WORK INSTRUCTIONS: Please tally how many lines of the material below include the word "subcontext", giving only the number.

(DATA FOR THIS EXERCISE begins)

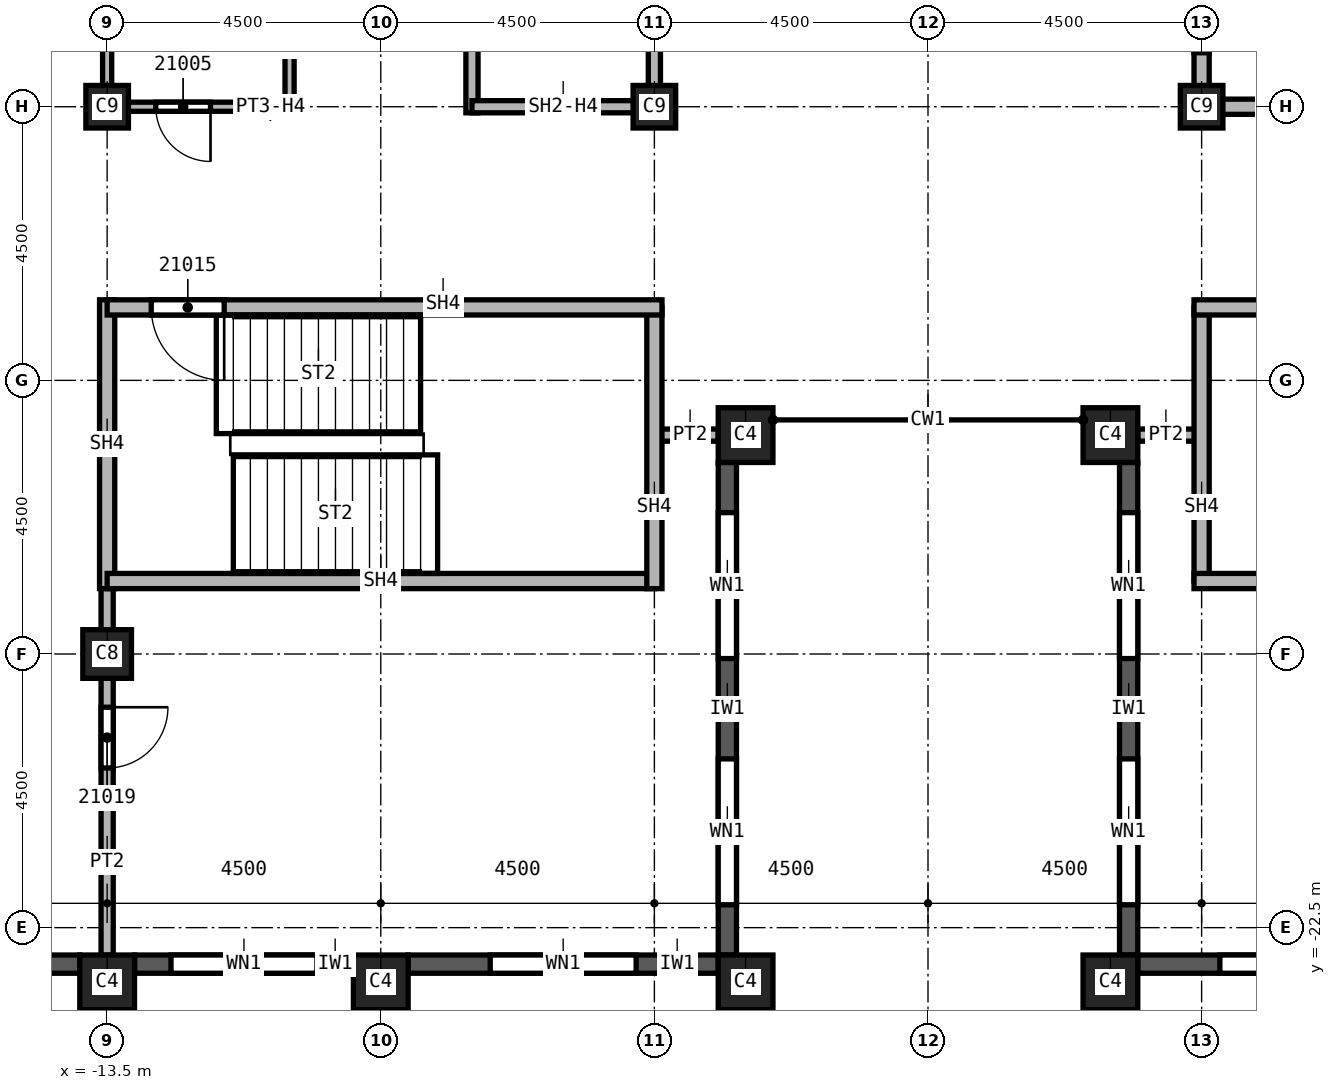
"""IFC4 building model, lengths in metres.
Left out: names, types, materials, properties, quantities, classifications, styles, units other than length and angle.
Written with IfcOpenShell. Run it as: python <this file> out.ifc"""

import sys

from ifc_helpers import new_model, si_unit, direction, frame, frame_2d, origin, origin_2d, place, context, subcontext, project, spatial, rectangle, extrude, element, fill, save


model = new_model("IFC4")
c1 = context("Model", 3, precision=1e-05, world=origin(), true_north=direction((0.0, 1.0)))
c2 = subcontext(c1, "Body", "Model", "MODEL_VIEW")
j1 = project(units=[si_unit("LENGTHUNIT", "METRE"), si_unit("PLANEANGLEUNIT", "RADIAN")], contexts=[c1])
p1 = place(None, origin())
s1 = spatial("IfcSite", under=j1, at=p1, CompositionType="ELEMENT")
p2 = place(p1, origin())
s2 = spatial("IfcBuilding", under=s1, at=p2, CompositionType="ELEMENT")
p3 = place(p2, frame((0.0, 0.0, 304.0)))
s3 = spatial("IfcBuildingStorey", under=s2, at=p3, CompositionType="ELEMENT", Elevation=304.0)
p4 = place(p3, frame((-13.5, -18.0, 0.0), z_axis=(0.0, 0.0, 1.0), x_axis=(1.0, 0.0, 0.0)))
e1 = element("IfcColumn", 1, at=p4, inside=s3, PredefinedType="COLUMN", context=c2, shape_type="SweptSolid", body=[
    extrude(rectangle(XDim=0.8, YDim=0.8, at=origin_2d()), origin(), (0.0, 0.0, 1.0), 3.74),
])
for number, where, z_axis, x_axis in (
    (2, (4.5, -9.0, 0.0), (0.0, 0.0, 1.0), (1.0, 0.0, 0.0)),
    (3, (-4.5, -9.0, 0.0), (0.0, 0.0, 1.0), (1.0, 0.0, 0.0)),
    (4, (-13.5, -9.0, 0.0), (0.0, 0.0, 1.0), (1.0, 0.0, 0.0)),
):
    element("IfcColumn", number, at=place(p3, frame(where, z_axis=z_axis, x_axis=x_axis)), inside=s3, PredefinedType="COLUMN", context=c2, shape_type="SweptSolid", body=[
        extrude(rectangle(XDim=0.7, YDim=0.7, at=origin_2d()), origin(), (0.0, 0.0, 1.0), 3.74),
    ])
for number, where, z_axis, x_axis in (
    (5, (3.0, -23.4, 0.0), (0.0, 0.0, 1.0), (1.0, 0.0, 0.0)),
    (6, (-3.0, -23.4, 0.0), (0.0, 0.0, 1.0), (1.0, 0.0, 0.0)),
    (7, (-9.0, -23.4, 0.0), (0.0, 0.0, 1.0), (1.0, 0.0, 0.0)),
    (8, (-13.5, -23.4, 0.0), (0.0, 0.0, 1.0), (1.0, 0.0, 0.0)),
    (9, (3.0, -14.4, 0.0), (0.0, 0.0, 1.0), (1.0, 0.0, 0.0)),
    (10, (-3.0, -14.4, 0.0), (0.0, 0.0, 1.0), (1.0, 0.0, 0.0)),
):
    element("IfcColumn", number, at=place(p3, frame(where, z_axis=z_axis, x_axis=x_axis)), inside=s3, PredefinedType="COLUMN", context=c2, shape_type="SweptSolid", body=[
        extrude(rectangle(XDim=0.9, YDim=0.9, at=origin_2d()), origin(), (0.0, 0.0, 1.0), 3.74),
    ])
p5 = place(p3, frame((-17.55, -23.1, 0.0), z_axis=(0.0, 0.0, 1.0), x_axis=(1.0, 0.0, 0.0)))
e11 = element("IfcWall", 11, at=p5, inside=s3, PredefinedType="SOLIDWALL", context=c2, shape_type="SweptSolid", body=[
    extrude(rectangle(XDim=3.6, YDim=0.3, at=frame_2d((1.8, 0.0))), origin(), (0.0, 0.0, 1.0), 3.14),
])
p6 = place(p5, frame((0.775, 0.0, 0.8)))
e12 = element("IfcOpeningElement", 12, at=p6, cuts=e11, PredefinedType="OPENING", context=c2, shape_type="SweptSolid", body=[
    extrude(rectangle(XDim=1.0, YDim=1.95, at=frame_2d((0.5, 0.975))), frame((0.0, 0.15, 0.0), z_axis=(0.0, -1.0, 0.0), x_axis=(1.0, 0.0, 0.0)), (0.0, 0.0, 1.0), 0.3),
])
p7 = place(p5, frame((2.375, 0.0, 0.8)))
e13 = element("IfcOpeningElement", 13, at=p7, cuts=e11, PredefinedType="OPENING", context=c2, shape_type="SweptSolid", body=[
    extrude(rectangle(XDim=0.6, YDim=1.95, at=frame_2d((0.3, 0.975))), frame((0.0, 0.15, 0.0), z_axis=(0.0, -1.0, 0.0), x_axis=(1.0, 0.0, 0.0)), (0.0, 0.0, 1.0), 0.3),
])
p8 = place(p3, frame((-13.05, -23.1, 0.0), z_axis=(0.0, 0.0, 1.0), x_axis=(1.0, 0.0, 0.0)))
e14 = element("IfcWall", 14, at=p8, inside=s3, PredefinedType="SOLIDWALL", context=c2, shape_type="SweptSolid", body=[
    extrude(rectangle(XDim=3.6, YDim=0.3, at=frame_2d((1.8, 0.0))), origin(), (0.0, 0.0, 1.0), 3.14),
])
p9 = place(p8, frame((0.6, 0.0, 0.8)))
e15 = element("IfcOpeningElement", 15, at=p9, cuts=e14, PredefinedType="OPENING", context=c2, shape_type="SweptSolid", body=[
    extrude(rectangle(XDim=2.4, YDim=1.95, at=frame_2d((1.2, 0.975))), frame((0.0, 0.15, 0.0), z_axis=(0.0, -1.0, 0.0), x_axis=(1.0, 0.0, 0.0)), (0.0, 0.0, 1.0), 0.3),
])
p10 = place(p3, frame((-8.55, -23.1, 0.0), z_axis=(0.0, 0.0, 1.0), x_axis=(1.0, 0.0, 0.0)))
e16 = element("IfcWall", 16, at=p10, inside=s3, PredefinedType="SOLIDWALL", context=c2, shape_type="SweptSolid", body=[
    extrude(rectangle(XDim=5.1, YDim=0.3, at=frame_2d((2.55, 0.0))), origin(), (0.0, 0.0, 1.0), 3.14),
])
p11 = place(p10, frame((1.35, 0.0, 0.8)))
e17 = element("IfcOpeningElement", 17, at=p11, cuts=e16, PredefinedType="OPENING", context=c2, shape_type="SweptSolid", body=[
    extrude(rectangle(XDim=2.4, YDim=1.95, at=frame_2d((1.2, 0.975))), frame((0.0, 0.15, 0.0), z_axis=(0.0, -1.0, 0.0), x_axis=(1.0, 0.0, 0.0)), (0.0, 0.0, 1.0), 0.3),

(DATA FOR THIS EXERCISE ends)

TASK RESULT: 2